# [TASK DETAILS]
Take the entries below and print only the lines from the one with "p13 = place(p5, origin())" through the one with "p14 = place(p9, origin())", exactly as they stand, both ends included.

# [DATA]
::::::::
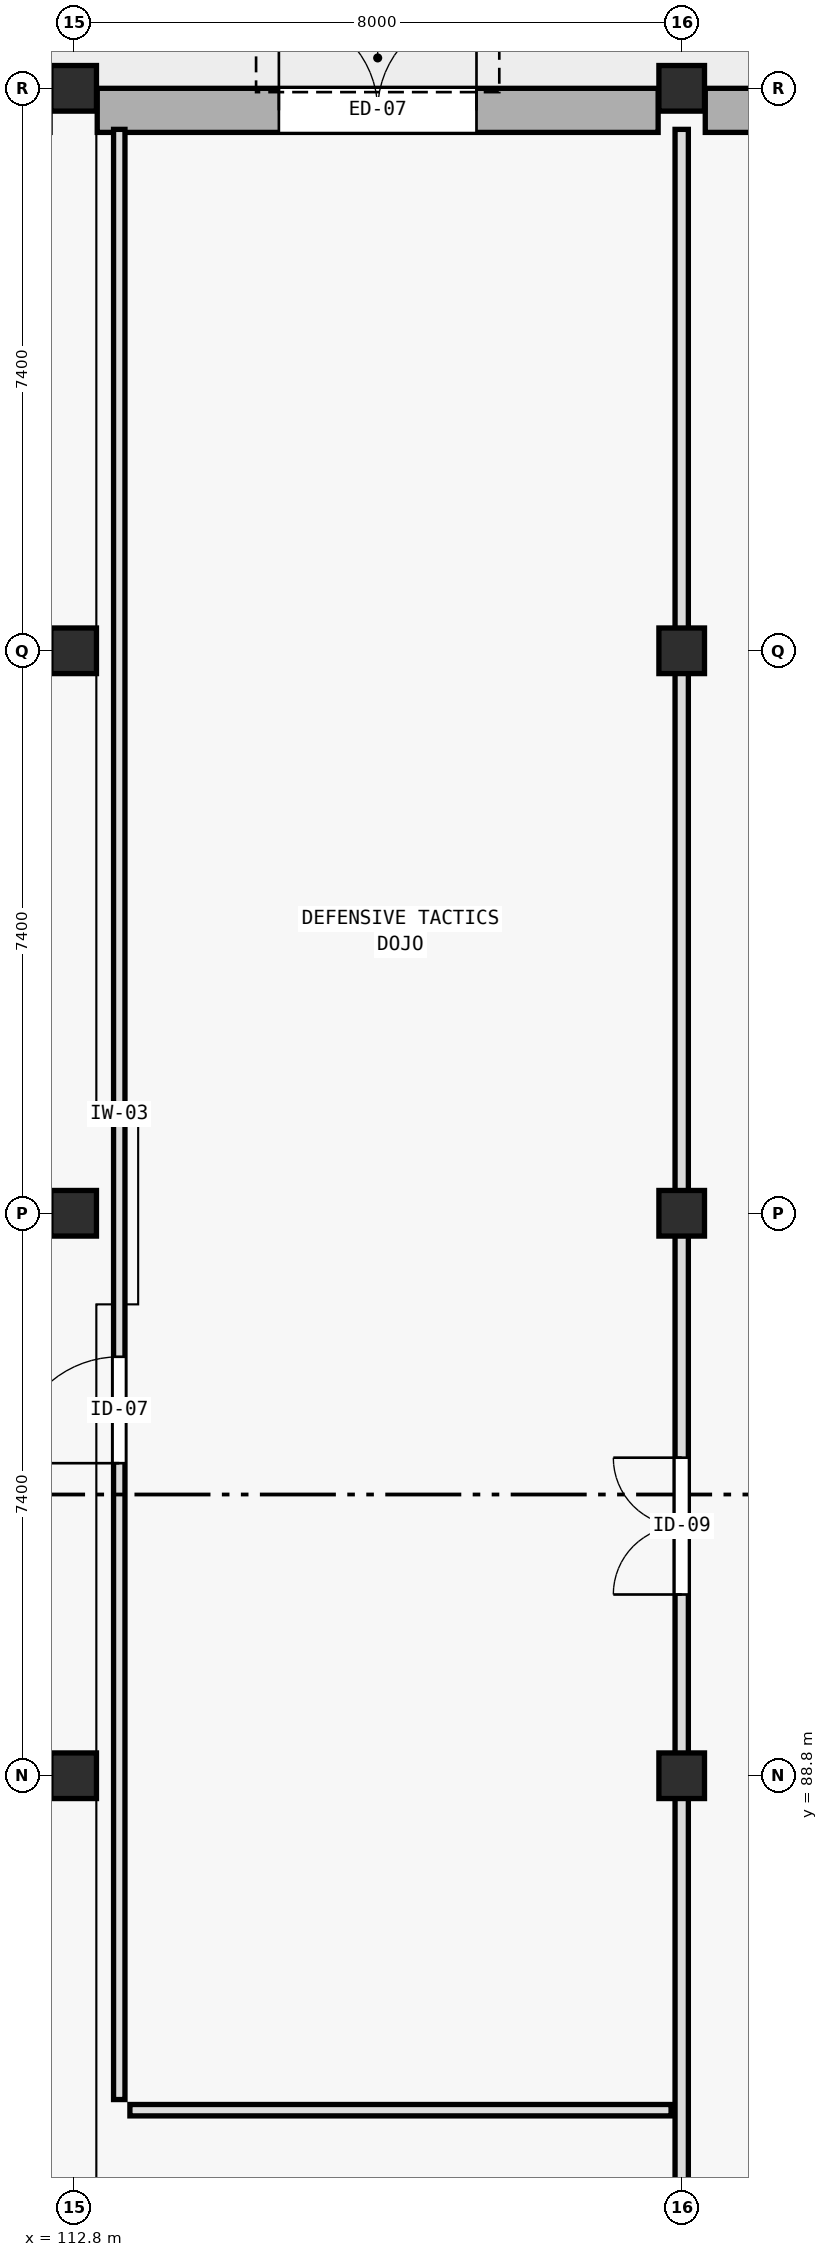
"""IFC4 building model, lengths in metres.
Left out: names, types, materials, properties, quantities, classifications, styles, units other than length and angle.
Written with IfcOpenShell. Run it as: python <this file> out.ifc"""

import sys

from ifc_helpers import new_model, si_unit, direction, frame, frame_2d, origin, origin_2d, place, context, subcontext, project, spatial, rectangle, extrude, element, fill, save


model = new_model("IFC4")
c1 = context("Model", 3, precision=1e-05, world=origin(), true_north=direction((0.0, 1.0)))
c2 = subcontext(c1, "Body", "Model", "MODEL_VIEW")
j1 = project(units=[si_unit("LENGTHUNIT", "METRE"), si_unit("PLANEANGLEUNIT", "RADIAN")], contexts=[c1])
p1 = place(None, origin())
s1 = spatial("IfcSite", under=j1, at=p1, CompositionType="ELEMENT")
p2 = place(p1, origin())
s2 = spatial("IfcBuilding", under=s1, at=p2, CompositionType="ELEMENT")
p3 = place(p2, origin())
s3 = spatial("IfcBuildingStorey", under=s2, at=p3, CompositionType="ELEMENT", Elevation=0.0)
for number, where, z_axis, x_axis in (
    (1, (112.8, 88.8, 0.0), (0.0, 0.0, 1.0), (1.0, 0.0, 0.0)),
    (2, (112.8, 96.2, 0.0), (0.0, 0.0, 1.0), (1.0, 0.0, 0.0)),
    (3, (112.8, 103.6, 0.0), (0.0, 0.0, 1.0), (1.0, 0.0, 0.0)),
    (4, (112.8, 111.0, 0.0), (0.0, 0.0, 1.0), (1.0, 0.0, 0.0)),
    (5, (120.8, 88.8, 0.0), (0.0, 0.0, 1.0), (1.0, 0.0, 0.0)),
    (6, (120.8, 96.2, 0.0), (0.0, 0.0, 1.0), (1.0, 0.0, 0.0)),
    (7, (120.8, 103.6, 0.0), (0.0, 0.0, 1.0), (1.0, 0.0, 0.0)),
    (8, (120.8, 111.0, 0.0), (0.0, 0.0, 1.0), (1.0, 0.0, 0.0)),
):
    element("IfcColumn", number, at=place(p3, frame(where, z_axis=z_axis, x_axis=x_axis)), inside=s3, PredefinedType="COLUMN", context=c2, shape_type="SweptSolid", body=[
        extrude(rectangle(XDim=0.6, YDim=0.6, at=origin_2d()), origin(), (0.0, 0.0, 1.0), 5.4),
    ])
p4 = place(p3, frame((113.11, 110.71, 0.0), z_axis=(0.0, 0.0, 1.0), x_axis=(1.0, 0.0, 0.0)))
e9 = element("IfcWall", 9, at=p4, inside=s3, PredefinedType="STANDARD", context=c2, shape_type="SweptSolid", body=[
    extrude(rectangle(XDim=7.38, YDim=0.58, at=frame_2d((3.69, 0.0))), origin(), (0.0, 0.0, 1.0), 5.14),
])
p5 = place(p4, frame((2.39, 0.0, 0.0)))
e10 = element("IfcOpeningElement", 10, at=p5, cuts=e9, PredefinedType="OPENING", context=c2, shape_type="SweptSolid", body=[
    extrude(rectangle(XDim=2.6, YDim=2.6, at=frame_2d((1.3, 1.3))), frame((0.0, 0.3, 0.0), z_axis=(0.0, -1.0, 0.0), x_axis=(1.0, 0.0, 0.0)), (0.0, 0.0, 1.0), 0.6),
])
p6 = place(p3, frame((121.11, 110.71, 0.0), z_axis=(0.0, 0.0, 1.0), x_axis=(1.0, 0.0, 0.0)))
e11 = element("IfcWall", 11, at=p6, inside=s3, PredefinedType="STANDARD", context=c2, shape_type="SweptSolid", body=[
    extrude(rectangle(XDim=7.38, YDim=0.58, at=frame_2d((3.69, 0.0))), origin(), (0.0, 0.0, 1.0), 5.4),
])
p7 = place(p6, frame((2.59, 0.0, 0.0)))
e12 = element("IfcOpeningElement", 12, at=p7, cuts=e11, PredefinedType="OPENING", context=c2, shape_type="SweptSolid", body=[
    extrude(rectangle(XDim=2.2, YDim=2.45, at=frame_2d((1.1, 1.225))), frame((0.0, 0.3, 0.0), z_axis=(0.0, -1.0, 0.0), x_axis=(1.0, 0.0, 0.0)), (0.0, 0.0, 1.0), 0.6),
])
p8 = place(p3, frame((120.8, 82.19, 0.0), z_axis=(0.0, 0.0, 1.0), x_axis=(0.0, 1.0, 0.0)))
e13 = element("IfcWall", 13, at=p8, inside=s3, PredefinedType="PARTITIONING", context=c2, shape_type="SweptSolid", body=[
    extrude(rectangle(XDim=28.27, YDim=0.175, at=frame_2d((14.135, 0.0))), origin(), (0.0, 0.0, 1.0), 4.27),
])
p9 = place(p8, frame((8.994, 0.0, 0.0)))
e14 = element("IfcOpeningElement", 14, at=p9, cuts=e13, PredefinedType="OPENING", context=c2, shape_type="SweptSolid", body=[
    extrude(rectangle(XDim=1.8, YDim=2.3, at=frame_2d((0.9, 1.15))), frame((0.0, 0.098, 0.0), z_axis=(0.0, -1.0, 0.0), x_axis=(1.0, 0.0, 0.0)), (0.0, 0.0, 1.0), 0.195),
])
p10 = place(p3, frame((113.54, 84.4, 0.0), z_axis=(0.0, 0.0, 1.0), x_axis=(1.0, 0.0, 0.0)))
e15 = element("IfcWall", 15, at=p10, inside=s3, PredefinedType="PARTITIONING", context=c2, shape_type="SweptSolid", body=[
    extrude(rectangle(XDim=7.12, YDim=0.15, at=frame_2d((3.56, 0.0))), origin(), (0.0, 0.0, 1.0), 4.27),
])
p11 = place(p3, frame((113.4, 84.54, 0.0), z_axis=(0.0, 0.0, 1.0), x_axis=(0.0, 1.0, 0.0)))
e16 = element("IfcWall", 16, at=p11, inside=s3, PredefinedType="PARTITIONING", context=c2, shape_type="SweptSolid", body=[
    extrude(rectangle(XDim=25.92, YDim=0.15, at=frame_2d((12.96, 0.0))), origin(), (0.0, 0.0, 1.0), 4.27),
])
p12 = place(p11, frame((8.372, 0.0, 0.0)))
e17 = element("IfcOpeningElement", 17, at=p12, cuts=e16, PredefinedType="OPENING", context=c2, shape_type="SweptSolid", body=[
    extrude(rectangle(XDim=1.4, YDim=2.2, at=frame_2d((0.7, 1.1))), frame((0.0, 0.085, 0.0), z_axis=(0.0, -1.0, 0.0), x_axis=(1.0, 0.0, 0.0)), (0.0, 0.0, 1.0), 0.17),
])
p13 = place(p5, origin())
e18 = element("IfcDoor", 18, at=p13, inside=s3, OperationType="DOUBLE_DOOR_SINGLE_SWING", PredefinedType="DOOR", context=c2, shape_type="SweptSolid", body=[
    extrude(rectangle(XDim=2.6, YDim=2.6, at=frame_2d((1.3, 1.3))), frame((0.0, 0.025, 0.0), z_axis=(0.0, -1.0, 0.0), x_axis=(1.0, 0.0, 0.0)), (0.0, 0.0, 1.0), 0.05),
])
fill(e10, e18)
p14 = place(p9, origin())
e19 = element("IfcDoor", 19, at=p14, inside=s3, OperationType="DOUBLE_DOOR_SINGLE_SWING", PredefinedType="DOOR", context=c2, shape_type="SweptSolid", body=[
    extrude(rectangle(XDim=1.8, YDim=2.3, at=frame_2d((0.9, 1.15))), frame((0.0, 0.025, 0.0), z_axis=(0.0, -1.0, 0.0), x_axis=(1.0, 0.0, 0.0)), (0.0, 0.0, 1.0), 0.05),
])
fill(e14, e19)
p15 = place(p12, origin())
e20 = element("IfcDoor", 20, at=p15, inside=s3, OperationType="SINGLE_SWING_LEFT", PredefinedType="DOOR", context=c2, shape_type="SweptSolid", body=[
    extrude(rectangle(XDim=1.4, YDim=2.2, at=frame_2d((0.7, 1.1))), frame((0.0, 0.025, 0.0), z_axis=(0.0, -1.0, 0.0), x_axis=(1.0, 0.0, 0.0)), (0.0, 0.0, 1.0), 0.05),
])
fill(e17, e20)
save(model, sys.argv[1])
::::::::
# [TASK ANSWER]
p13 = place(p5, origin())
e18 = element("IfcDoor", 18, at=p13, inside=s3, OperationType="DOUBLE_DOOR_SINGLE_SWING", PredefinedType="DOOR", context=c2, shape_type="SweptSolid", body=[
    extrude(rectangle(XDim=2.6, YDim=2.6, at=frame_2d((1.3, 1.3))), frame((0.0, 0.025, 0.0), z_axis=(0.0, -1.0, 0.0), x_axis=(1.0, 0.0, 0.0)), (0.0, 0.0, 1.0), 0.05),
])
fill(e10, e18)
p14 = place(p9, origin())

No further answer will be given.